• [WORK ORDER]: For the data below, tally how many lines contain "copy" and answer only with that tally.

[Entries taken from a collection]
◇ ◇ ◇ ◇ ◇

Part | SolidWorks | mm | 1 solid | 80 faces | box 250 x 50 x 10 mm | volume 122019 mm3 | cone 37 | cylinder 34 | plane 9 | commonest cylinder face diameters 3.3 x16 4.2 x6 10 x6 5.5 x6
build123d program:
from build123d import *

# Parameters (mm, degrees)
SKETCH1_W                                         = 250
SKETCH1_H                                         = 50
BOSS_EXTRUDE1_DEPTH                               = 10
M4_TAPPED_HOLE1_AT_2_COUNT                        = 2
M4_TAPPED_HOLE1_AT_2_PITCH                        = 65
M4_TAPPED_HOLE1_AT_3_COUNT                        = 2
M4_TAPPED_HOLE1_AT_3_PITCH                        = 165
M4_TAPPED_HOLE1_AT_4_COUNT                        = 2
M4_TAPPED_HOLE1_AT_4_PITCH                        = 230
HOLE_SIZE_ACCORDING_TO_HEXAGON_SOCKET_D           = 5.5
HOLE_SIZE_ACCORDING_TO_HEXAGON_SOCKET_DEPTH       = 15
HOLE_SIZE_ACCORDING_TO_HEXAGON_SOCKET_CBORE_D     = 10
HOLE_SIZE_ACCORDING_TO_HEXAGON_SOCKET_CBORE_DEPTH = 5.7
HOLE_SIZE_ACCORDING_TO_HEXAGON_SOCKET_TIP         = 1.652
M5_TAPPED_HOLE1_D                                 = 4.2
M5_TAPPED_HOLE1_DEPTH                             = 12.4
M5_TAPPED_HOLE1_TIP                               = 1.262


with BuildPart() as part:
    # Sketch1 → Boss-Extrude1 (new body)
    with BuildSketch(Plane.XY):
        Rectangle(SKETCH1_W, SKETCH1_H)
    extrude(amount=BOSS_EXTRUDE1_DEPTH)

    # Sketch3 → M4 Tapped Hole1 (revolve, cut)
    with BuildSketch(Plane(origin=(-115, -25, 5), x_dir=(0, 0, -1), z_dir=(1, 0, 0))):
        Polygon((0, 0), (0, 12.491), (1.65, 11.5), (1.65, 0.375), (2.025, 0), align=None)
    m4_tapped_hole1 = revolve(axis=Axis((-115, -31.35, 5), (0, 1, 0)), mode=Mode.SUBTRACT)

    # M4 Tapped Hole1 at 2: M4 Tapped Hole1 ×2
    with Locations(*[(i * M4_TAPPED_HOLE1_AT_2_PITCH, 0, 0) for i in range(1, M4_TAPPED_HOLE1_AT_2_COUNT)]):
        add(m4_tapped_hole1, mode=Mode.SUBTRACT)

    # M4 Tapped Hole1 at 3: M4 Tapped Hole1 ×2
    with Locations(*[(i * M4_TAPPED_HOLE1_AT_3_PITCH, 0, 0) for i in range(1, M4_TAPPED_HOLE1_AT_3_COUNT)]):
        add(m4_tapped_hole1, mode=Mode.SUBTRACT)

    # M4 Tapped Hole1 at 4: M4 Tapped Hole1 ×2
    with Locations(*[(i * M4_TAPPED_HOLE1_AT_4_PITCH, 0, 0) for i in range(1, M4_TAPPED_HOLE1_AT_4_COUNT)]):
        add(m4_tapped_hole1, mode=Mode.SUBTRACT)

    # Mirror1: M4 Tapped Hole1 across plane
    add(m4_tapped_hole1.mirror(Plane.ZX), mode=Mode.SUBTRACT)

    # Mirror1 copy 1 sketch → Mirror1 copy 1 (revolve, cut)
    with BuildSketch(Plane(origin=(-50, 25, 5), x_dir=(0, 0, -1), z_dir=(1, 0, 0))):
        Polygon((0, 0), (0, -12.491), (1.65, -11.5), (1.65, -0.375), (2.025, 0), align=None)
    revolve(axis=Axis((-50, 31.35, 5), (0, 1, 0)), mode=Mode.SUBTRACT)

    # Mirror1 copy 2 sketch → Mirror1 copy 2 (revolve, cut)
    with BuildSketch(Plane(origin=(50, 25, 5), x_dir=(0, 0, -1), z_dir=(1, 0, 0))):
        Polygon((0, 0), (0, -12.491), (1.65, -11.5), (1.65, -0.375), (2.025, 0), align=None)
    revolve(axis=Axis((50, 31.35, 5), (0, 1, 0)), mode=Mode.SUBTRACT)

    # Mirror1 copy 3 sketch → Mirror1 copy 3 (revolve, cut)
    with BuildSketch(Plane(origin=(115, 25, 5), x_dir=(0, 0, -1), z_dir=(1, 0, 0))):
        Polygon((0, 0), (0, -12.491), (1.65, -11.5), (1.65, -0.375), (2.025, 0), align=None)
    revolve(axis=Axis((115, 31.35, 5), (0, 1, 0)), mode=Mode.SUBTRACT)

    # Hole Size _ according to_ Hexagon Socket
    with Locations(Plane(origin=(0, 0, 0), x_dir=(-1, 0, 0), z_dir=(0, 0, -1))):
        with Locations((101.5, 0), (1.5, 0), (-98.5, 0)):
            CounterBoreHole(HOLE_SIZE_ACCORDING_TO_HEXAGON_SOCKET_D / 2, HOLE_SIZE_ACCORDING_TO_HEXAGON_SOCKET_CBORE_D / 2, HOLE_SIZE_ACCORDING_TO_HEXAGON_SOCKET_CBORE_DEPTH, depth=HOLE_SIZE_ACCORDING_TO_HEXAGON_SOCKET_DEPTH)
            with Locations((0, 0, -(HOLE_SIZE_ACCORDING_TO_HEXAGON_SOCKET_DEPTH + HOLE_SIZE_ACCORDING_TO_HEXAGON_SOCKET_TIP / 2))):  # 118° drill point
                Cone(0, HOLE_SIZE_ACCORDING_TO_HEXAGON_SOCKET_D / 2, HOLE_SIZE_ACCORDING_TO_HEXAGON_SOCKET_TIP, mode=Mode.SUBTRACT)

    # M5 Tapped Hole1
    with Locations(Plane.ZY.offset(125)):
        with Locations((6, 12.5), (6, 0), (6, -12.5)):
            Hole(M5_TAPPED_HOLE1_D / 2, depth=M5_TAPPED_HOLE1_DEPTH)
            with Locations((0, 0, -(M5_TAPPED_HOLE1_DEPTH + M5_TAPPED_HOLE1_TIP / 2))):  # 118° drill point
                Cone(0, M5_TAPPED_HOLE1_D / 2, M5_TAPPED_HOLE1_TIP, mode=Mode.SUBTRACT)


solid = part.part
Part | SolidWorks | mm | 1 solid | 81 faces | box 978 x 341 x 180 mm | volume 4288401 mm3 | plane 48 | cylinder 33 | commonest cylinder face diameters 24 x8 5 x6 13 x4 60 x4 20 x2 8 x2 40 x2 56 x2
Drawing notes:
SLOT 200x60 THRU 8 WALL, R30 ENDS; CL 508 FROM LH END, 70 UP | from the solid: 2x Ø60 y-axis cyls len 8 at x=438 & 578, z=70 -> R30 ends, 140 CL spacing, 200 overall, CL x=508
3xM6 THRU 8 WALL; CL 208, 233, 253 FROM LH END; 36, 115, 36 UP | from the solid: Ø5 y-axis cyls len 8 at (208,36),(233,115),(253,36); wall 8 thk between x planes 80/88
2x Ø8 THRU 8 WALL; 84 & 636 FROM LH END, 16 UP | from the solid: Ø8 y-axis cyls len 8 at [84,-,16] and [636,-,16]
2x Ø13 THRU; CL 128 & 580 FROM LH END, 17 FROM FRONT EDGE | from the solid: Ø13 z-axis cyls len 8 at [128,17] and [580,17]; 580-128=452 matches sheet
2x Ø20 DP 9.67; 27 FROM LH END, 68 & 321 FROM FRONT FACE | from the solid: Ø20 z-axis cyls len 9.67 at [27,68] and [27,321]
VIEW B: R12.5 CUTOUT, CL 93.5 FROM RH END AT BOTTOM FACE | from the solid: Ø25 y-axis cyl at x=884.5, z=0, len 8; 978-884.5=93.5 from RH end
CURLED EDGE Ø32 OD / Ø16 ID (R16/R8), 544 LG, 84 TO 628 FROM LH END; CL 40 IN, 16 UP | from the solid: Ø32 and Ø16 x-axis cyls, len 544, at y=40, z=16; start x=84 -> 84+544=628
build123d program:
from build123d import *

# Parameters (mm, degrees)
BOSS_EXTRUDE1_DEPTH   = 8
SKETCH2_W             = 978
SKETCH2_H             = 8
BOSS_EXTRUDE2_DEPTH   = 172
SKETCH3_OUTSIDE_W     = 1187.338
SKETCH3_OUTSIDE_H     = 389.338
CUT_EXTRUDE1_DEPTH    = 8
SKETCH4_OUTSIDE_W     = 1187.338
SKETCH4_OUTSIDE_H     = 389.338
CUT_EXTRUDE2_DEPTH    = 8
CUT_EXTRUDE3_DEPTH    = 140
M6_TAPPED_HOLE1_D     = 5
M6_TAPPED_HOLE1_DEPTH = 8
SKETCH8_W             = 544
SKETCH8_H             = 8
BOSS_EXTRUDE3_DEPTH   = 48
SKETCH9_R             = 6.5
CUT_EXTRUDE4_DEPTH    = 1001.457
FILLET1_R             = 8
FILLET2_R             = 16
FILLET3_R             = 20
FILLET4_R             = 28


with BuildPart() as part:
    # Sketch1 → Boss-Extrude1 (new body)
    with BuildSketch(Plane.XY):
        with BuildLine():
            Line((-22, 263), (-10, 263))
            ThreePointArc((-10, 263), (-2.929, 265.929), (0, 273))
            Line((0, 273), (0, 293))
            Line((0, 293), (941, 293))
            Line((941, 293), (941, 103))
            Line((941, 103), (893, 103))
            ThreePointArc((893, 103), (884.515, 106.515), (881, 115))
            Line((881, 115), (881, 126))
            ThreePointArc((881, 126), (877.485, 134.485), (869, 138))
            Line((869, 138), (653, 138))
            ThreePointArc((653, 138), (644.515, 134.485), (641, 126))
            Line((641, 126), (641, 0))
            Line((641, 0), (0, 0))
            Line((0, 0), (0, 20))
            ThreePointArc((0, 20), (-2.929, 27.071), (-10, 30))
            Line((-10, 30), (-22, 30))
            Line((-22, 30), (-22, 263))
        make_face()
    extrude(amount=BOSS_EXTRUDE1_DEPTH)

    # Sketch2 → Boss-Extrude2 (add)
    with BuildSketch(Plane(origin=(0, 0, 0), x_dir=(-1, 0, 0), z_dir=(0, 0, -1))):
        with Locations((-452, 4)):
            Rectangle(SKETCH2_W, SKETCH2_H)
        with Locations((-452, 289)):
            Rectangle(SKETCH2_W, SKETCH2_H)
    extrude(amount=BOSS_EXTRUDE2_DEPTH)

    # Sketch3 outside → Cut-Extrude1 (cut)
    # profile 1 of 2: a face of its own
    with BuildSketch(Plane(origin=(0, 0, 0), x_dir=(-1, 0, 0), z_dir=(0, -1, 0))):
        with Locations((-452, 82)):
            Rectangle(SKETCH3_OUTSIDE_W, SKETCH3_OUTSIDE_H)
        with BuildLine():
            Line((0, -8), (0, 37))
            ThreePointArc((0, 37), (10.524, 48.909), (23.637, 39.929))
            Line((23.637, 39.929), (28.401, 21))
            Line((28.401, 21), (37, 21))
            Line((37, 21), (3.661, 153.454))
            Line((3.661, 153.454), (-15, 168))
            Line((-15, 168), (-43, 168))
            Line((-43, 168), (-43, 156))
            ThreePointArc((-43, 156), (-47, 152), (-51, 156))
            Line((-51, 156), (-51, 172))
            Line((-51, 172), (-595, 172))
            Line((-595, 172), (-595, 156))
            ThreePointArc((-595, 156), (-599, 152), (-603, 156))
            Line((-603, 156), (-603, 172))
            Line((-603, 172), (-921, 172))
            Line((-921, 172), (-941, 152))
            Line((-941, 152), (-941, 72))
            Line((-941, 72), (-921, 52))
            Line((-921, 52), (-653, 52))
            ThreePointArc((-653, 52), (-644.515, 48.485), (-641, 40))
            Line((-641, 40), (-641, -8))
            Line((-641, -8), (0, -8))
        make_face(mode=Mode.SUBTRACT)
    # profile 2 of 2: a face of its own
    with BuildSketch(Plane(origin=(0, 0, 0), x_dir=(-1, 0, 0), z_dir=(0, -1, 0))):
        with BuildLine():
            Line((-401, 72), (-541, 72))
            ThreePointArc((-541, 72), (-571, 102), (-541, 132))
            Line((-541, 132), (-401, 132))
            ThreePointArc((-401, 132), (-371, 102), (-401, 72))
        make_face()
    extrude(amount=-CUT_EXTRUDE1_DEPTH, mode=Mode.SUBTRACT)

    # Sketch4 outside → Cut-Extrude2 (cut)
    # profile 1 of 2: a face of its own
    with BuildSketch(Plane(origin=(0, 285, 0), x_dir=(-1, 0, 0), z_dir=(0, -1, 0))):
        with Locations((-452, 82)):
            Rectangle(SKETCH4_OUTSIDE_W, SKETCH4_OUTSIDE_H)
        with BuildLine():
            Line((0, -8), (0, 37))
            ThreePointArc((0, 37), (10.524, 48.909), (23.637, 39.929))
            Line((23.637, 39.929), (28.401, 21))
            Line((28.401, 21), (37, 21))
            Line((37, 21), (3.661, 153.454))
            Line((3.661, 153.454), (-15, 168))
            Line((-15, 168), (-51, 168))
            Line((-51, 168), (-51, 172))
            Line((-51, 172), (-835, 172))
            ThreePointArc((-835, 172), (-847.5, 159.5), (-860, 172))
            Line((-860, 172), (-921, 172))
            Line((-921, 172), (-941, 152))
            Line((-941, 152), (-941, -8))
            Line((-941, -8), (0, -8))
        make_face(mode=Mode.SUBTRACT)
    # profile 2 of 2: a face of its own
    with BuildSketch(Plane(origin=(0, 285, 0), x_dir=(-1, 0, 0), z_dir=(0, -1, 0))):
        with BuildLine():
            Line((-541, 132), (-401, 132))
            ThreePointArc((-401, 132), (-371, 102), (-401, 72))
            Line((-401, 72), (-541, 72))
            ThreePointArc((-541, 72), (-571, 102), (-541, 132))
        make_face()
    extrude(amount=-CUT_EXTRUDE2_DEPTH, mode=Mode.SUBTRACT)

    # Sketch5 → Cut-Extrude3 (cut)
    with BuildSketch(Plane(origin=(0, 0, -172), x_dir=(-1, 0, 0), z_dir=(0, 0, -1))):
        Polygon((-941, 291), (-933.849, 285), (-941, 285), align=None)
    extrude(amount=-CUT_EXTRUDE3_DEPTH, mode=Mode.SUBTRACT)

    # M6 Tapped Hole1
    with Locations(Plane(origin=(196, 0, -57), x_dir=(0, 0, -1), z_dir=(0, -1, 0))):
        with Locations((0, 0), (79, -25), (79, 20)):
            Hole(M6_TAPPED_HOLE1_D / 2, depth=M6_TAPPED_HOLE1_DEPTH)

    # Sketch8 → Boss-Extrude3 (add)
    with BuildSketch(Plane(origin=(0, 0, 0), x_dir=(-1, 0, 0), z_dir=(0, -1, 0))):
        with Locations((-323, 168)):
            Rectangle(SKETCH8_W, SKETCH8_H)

◇ ◇ ◇ ◇ ◇

• [RESPONSE TO THE EXERCISE]: 3